TASK BRIEF. Set the listing down unchanged, minus every embedded image.

········

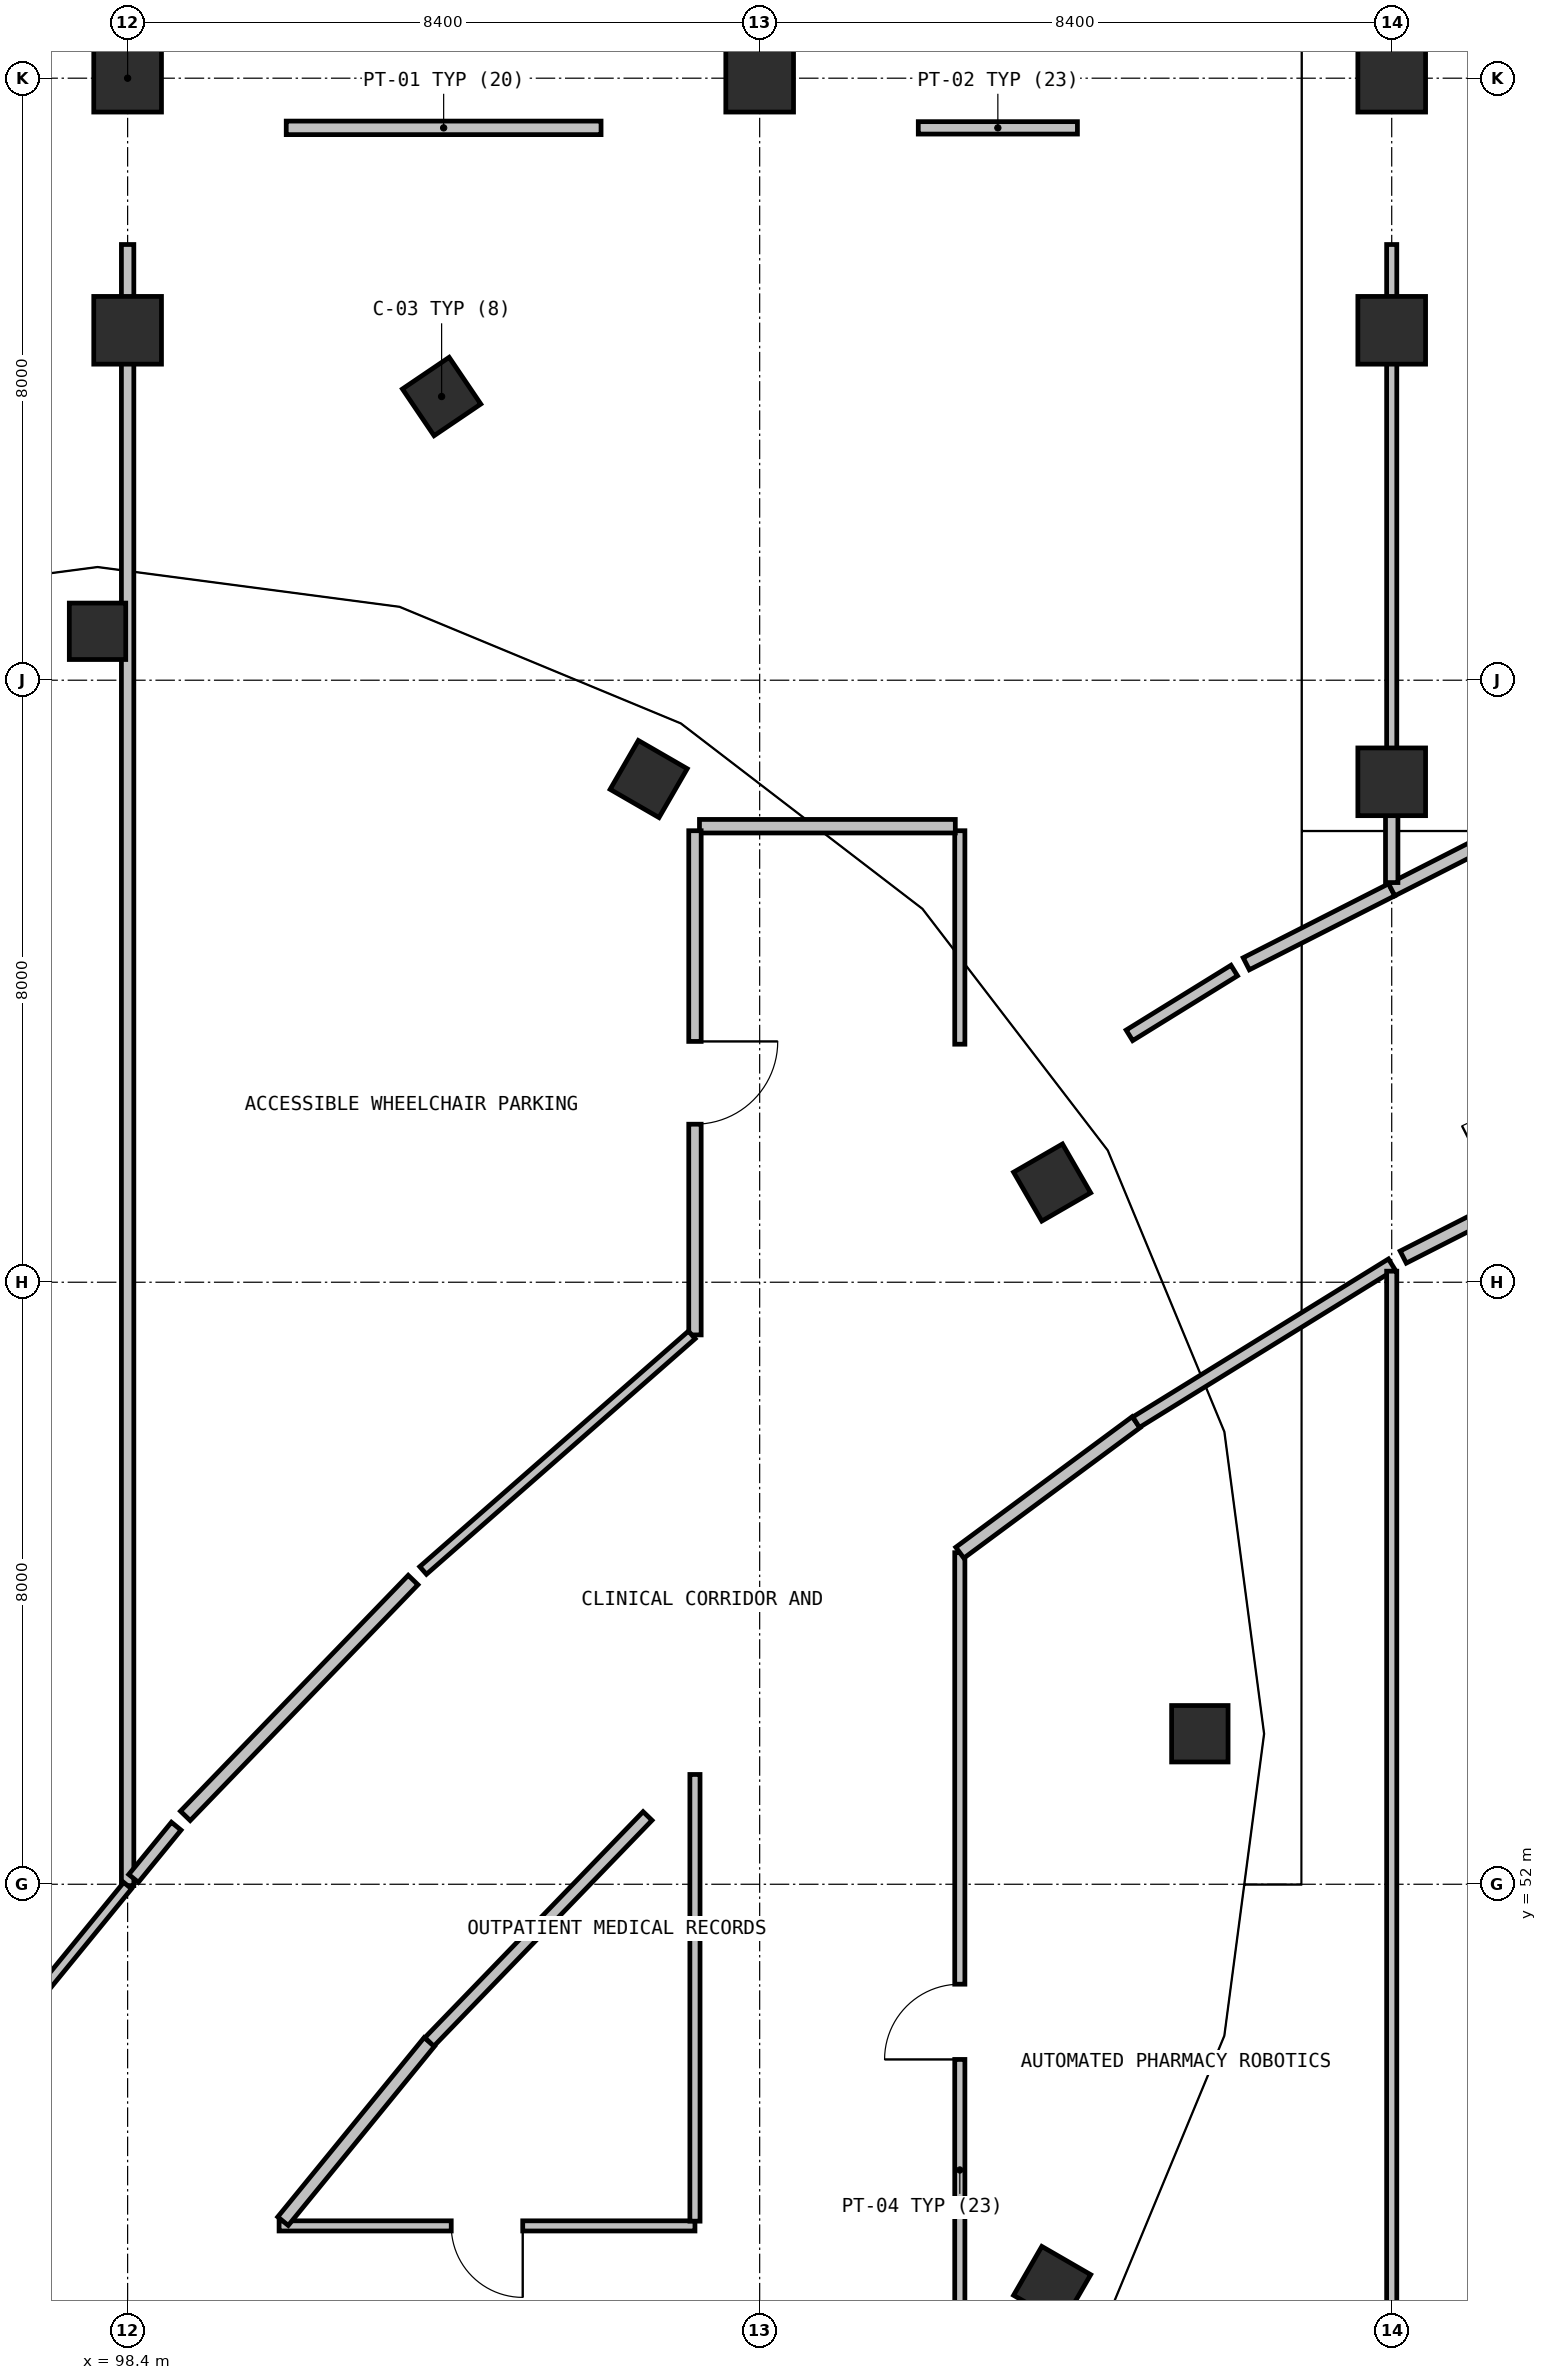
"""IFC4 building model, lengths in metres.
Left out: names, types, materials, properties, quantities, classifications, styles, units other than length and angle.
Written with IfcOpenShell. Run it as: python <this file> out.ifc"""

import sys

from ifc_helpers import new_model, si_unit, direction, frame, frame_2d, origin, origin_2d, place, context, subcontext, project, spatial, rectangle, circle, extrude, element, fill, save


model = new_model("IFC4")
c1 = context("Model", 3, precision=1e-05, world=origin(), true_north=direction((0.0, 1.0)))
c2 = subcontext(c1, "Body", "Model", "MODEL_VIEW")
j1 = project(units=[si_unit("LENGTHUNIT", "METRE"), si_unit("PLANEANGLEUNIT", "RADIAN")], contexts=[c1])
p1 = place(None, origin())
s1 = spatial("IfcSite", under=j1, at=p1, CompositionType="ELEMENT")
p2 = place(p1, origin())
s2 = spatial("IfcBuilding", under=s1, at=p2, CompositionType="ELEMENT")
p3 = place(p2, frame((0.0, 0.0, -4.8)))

········

REPLY.
"""IFC4 building model, lengths in metres.
Left out: names, types, materials, properties, quantities, classifications, styles, units other than length and angle.
Written with IfcOpenShell. Run it as: python <this file> out.ifc"""

import sys

from ifc_helpers import new_model, si_unit, direction, frame, frame_2d, origin, origin_2d, place, context, subcontext, project, spatial, rectangle, circle, extrude, element, fill, save


model = new_model("IFC4")
c1 = context("Model", 3, precision=1e-05, world=origin(), true_north=direction((0.0, 1.0)))
c2 = subcontext(c1, "Body", "Model", "MODEL_VIEW")
j1 = project(units=[si_unit("LENGTHUNIT", "METRE"), si_unit("PLANEANGLEUNIT", "RADIAN")], contexts=[c1])
p1 = place(None, origin())
s1 = spatial("IfcSite", under=j1, at=p1, CompositionType="ELEMENT")
p2 = place(p1, origin())
s2 = spatial("IfcBuilding", under=s1, at=p2, CompositionType="ELEMENT")
p3 = place(p2, frame((0.0, 0.0, -4.8)))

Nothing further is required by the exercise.